• _TASK GOAL_:
Say how many lines of the material include "direction". Give the number without any other text.

───── DATA FOR THIS TASK

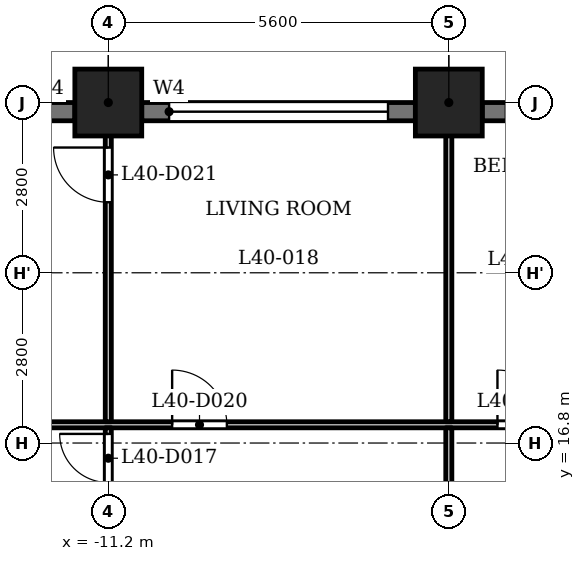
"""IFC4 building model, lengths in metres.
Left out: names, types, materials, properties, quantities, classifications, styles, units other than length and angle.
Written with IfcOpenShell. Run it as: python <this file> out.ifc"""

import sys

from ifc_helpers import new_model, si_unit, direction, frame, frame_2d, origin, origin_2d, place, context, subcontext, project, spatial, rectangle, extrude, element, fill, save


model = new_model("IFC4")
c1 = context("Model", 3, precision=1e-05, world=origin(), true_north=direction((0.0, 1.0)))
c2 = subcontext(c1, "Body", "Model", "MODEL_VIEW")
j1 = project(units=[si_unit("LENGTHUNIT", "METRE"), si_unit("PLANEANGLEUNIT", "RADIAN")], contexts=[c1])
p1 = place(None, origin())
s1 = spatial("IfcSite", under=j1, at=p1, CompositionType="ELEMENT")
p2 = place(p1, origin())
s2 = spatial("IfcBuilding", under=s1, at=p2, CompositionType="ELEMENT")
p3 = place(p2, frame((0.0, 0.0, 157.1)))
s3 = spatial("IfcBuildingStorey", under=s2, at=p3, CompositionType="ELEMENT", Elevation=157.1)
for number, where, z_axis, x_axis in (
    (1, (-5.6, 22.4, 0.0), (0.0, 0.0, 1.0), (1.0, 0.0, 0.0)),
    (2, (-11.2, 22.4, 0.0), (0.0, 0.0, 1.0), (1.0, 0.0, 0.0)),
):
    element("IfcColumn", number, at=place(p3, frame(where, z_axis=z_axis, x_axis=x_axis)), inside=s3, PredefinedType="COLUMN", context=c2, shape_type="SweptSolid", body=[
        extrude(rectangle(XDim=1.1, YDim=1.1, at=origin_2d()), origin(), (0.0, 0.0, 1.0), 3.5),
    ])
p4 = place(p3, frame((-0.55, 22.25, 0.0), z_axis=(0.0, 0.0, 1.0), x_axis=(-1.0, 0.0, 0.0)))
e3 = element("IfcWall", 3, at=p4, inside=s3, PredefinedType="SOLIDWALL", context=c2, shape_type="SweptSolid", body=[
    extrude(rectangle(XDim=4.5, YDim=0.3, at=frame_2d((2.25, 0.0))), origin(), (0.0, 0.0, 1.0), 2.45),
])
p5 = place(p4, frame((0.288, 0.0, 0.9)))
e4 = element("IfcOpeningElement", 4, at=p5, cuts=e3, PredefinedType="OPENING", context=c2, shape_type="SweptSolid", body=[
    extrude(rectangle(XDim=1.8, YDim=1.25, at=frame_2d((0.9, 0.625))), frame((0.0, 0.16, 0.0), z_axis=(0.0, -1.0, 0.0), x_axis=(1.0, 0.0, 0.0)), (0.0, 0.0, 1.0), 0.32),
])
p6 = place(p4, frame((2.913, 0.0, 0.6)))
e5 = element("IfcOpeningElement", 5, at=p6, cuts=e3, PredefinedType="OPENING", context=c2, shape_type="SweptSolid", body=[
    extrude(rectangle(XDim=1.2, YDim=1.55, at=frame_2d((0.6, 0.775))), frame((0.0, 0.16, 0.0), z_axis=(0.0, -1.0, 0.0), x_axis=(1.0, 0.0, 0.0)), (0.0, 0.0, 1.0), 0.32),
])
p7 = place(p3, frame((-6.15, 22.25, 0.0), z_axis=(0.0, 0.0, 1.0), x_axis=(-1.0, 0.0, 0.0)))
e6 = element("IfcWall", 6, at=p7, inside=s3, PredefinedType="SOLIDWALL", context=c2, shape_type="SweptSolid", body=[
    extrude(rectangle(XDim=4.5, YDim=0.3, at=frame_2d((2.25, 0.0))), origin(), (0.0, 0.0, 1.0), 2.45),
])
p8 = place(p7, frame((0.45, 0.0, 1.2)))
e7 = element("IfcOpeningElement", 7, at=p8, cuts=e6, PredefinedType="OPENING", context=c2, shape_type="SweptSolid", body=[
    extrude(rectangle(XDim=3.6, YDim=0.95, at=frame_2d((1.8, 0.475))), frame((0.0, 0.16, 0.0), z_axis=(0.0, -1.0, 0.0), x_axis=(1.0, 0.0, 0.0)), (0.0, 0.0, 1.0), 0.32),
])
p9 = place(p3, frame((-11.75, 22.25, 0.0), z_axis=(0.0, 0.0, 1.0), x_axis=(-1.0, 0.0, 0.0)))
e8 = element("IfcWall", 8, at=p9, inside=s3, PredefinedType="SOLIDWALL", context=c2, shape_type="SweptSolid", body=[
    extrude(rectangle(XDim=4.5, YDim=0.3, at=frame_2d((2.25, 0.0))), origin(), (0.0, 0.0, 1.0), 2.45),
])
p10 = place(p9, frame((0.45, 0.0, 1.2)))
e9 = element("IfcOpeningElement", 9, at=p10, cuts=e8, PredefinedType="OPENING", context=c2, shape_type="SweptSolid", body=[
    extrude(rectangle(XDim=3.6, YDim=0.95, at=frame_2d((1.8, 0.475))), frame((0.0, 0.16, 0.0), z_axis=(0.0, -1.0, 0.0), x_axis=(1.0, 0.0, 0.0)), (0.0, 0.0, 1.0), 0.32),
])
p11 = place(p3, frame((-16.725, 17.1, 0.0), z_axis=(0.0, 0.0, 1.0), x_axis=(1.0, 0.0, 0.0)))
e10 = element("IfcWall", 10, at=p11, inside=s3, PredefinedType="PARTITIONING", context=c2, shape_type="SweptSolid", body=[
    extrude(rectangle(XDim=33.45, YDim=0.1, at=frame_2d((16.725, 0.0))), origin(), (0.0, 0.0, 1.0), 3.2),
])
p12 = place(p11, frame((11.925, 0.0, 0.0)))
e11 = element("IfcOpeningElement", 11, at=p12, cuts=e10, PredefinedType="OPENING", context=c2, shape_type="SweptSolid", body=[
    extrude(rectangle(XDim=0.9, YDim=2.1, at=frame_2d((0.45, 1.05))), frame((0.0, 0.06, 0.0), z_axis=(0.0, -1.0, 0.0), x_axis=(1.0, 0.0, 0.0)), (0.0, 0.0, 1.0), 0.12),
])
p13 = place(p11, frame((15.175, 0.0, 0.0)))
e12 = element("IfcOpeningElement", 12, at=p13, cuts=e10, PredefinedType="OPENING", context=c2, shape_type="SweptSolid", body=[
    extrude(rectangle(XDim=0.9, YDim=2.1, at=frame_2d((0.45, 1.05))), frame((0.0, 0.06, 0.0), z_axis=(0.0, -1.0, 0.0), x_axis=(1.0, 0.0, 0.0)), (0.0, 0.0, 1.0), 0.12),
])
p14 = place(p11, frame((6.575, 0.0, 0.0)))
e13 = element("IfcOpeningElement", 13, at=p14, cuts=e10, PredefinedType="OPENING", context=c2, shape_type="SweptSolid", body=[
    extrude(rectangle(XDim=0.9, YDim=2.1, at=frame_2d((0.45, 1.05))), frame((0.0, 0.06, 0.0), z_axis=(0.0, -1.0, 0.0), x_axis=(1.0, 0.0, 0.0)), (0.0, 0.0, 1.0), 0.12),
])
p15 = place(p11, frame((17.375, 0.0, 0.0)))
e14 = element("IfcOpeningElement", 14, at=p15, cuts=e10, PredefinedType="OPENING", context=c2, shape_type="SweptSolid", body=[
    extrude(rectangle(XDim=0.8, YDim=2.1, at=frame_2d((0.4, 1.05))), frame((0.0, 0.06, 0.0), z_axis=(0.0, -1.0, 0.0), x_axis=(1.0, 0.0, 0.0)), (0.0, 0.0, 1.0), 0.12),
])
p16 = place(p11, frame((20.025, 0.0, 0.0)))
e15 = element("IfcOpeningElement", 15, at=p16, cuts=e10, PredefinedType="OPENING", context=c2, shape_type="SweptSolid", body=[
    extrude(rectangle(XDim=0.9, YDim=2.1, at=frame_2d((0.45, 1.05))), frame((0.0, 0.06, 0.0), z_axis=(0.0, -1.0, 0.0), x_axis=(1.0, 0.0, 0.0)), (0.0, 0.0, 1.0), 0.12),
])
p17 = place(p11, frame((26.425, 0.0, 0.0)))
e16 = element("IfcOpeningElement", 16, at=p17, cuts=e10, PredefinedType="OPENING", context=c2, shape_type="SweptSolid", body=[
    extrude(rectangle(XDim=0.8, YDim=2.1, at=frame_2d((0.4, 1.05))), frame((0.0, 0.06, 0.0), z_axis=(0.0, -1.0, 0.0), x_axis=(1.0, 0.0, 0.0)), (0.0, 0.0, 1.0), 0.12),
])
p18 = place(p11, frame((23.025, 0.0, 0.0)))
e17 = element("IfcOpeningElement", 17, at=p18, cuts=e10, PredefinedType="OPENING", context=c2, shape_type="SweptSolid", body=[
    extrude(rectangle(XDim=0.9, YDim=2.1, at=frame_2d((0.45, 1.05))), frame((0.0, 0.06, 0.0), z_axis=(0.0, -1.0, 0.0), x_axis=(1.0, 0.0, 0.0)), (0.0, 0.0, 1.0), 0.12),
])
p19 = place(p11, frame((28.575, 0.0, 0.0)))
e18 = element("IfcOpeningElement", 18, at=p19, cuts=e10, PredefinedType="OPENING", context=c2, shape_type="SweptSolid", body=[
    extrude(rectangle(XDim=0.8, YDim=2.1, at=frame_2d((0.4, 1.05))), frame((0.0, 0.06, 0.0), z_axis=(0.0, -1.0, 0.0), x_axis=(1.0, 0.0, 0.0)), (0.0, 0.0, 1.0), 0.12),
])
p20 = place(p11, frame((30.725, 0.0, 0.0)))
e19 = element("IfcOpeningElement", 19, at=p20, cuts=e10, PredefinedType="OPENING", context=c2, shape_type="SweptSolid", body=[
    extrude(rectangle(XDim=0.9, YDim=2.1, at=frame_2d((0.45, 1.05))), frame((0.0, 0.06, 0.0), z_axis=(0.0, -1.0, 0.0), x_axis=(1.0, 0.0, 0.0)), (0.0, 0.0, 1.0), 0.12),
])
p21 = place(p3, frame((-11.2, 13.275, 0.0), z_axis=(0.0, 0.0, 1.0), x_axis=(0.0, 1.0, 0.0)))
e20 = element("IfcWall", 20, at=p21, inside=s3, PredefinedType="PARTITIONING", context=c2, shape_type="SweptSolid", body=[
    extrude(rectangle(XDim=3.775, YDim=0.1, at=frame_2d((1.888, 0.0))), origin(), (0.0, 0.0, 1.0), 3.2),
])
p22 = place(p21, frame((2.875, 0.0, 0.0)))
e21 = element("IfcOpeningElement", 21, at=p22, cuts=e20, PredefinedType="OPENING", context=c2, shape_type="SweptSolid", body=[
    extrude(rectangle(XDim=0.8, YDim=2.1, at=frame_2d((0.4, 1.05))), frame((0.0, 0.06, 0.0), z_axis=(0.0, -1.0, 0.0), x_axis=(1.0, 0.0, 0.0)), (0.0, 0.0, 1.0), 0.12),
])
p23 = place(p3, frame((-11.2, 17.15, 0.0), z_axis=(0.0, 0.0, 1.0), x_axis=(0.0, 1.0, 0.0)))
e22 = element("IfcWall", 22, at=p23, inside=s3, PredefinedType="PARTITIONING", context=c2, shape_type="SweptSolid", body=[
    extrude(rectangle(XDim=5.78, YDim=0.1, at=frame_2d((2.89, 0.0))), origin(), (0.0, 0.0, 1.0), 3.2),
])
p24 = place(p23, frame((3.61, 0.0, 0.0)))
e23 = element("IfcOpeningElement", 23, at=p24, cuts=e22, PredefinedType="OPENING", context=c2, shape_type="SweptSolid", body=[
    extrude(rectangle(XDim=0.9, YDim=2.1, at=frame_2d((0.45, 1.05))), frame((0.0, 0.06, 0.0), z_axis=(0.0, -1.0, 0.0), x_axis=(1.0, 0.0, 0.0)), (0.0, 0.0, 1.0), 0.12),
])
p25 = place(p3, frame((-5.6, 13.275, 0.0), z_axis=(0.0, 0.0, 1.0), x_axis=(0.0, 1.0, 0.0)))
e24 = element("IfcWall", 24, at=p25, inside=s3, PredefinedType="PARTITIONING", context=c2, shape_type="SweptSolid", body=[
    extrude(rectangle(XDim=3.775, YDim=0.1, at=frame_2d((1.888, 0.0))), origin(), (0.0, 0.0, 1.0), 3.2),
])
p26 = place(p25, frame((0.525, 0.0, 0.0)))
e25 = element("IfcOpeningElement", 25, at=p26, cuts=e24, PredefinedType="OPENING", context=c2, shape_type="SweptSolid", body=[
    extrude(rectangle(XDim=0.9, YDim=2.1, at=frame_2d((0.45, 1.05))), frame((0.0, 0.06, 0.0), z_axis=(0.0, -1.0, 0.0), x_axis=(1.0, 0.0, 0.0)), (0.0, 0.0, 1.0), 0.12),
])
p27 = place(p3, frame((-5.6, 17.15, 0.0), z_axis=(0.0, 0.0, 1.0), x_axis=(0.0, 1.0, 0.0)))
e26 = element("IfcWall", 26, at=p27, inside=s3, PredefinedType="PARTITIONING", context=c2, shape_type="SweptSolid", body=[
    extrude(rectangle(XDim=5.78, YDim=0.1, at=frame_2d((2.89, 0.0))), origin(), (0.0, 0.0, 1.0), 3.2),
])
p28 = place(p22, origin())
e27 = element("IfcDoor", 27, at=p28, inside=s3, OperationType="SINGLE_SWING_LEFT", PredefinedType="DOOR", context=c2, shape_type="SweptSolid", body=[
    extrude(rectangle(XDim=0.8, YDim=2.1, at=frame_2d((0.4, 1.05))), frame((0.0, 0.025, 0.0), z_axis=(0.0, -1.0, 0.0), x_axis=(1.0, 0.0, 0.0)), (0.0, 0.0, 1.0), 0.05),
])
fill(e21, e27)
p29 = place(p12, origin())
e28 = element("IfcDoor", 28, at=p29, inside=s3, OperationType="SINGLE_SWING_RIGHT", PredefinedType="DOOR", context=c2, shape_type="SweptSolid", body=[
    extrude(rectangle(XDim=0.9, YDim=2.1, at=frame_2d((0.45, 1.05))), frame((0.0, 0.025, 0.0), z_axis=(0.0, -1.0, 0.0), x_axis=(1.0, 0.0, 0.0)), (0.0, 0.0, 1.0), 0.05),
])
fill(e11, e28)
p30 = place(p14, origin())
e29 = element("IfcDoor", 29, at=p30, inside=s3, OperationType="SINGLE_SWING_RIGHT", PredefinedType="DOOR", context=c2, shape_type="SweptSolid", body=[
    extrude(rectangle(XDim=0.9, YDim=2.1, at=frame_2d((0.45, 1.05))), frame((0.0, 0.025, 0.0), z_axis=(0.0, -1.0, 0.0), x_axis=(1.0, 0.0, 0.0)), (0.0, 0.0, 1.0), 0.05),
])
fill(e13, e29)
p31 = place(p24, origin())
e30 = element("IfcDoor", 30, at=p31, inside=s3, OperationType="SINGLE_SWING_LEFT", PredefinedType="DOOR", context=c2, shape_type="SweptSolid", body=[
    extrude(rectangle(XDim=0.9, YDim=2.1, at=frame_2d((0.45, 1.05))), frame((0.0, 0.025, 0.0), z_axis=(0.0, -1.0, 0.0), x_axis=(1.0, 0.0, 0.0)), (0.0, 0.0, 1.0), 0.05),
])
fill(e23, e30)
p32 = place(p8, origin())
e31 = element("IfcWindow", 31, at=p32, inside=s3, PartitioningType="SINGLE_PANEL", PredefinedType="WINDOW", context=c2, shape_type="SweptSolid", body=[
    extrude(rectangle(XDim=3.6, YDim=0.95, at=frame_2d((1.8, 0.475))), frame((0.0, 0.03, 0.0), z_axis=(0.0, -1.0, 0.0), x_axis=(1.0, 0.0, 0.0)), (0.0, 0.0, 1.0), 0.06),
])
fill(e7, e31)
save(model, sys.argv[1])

──────────

• _SOLUTION TO THE PROBLEM_:
2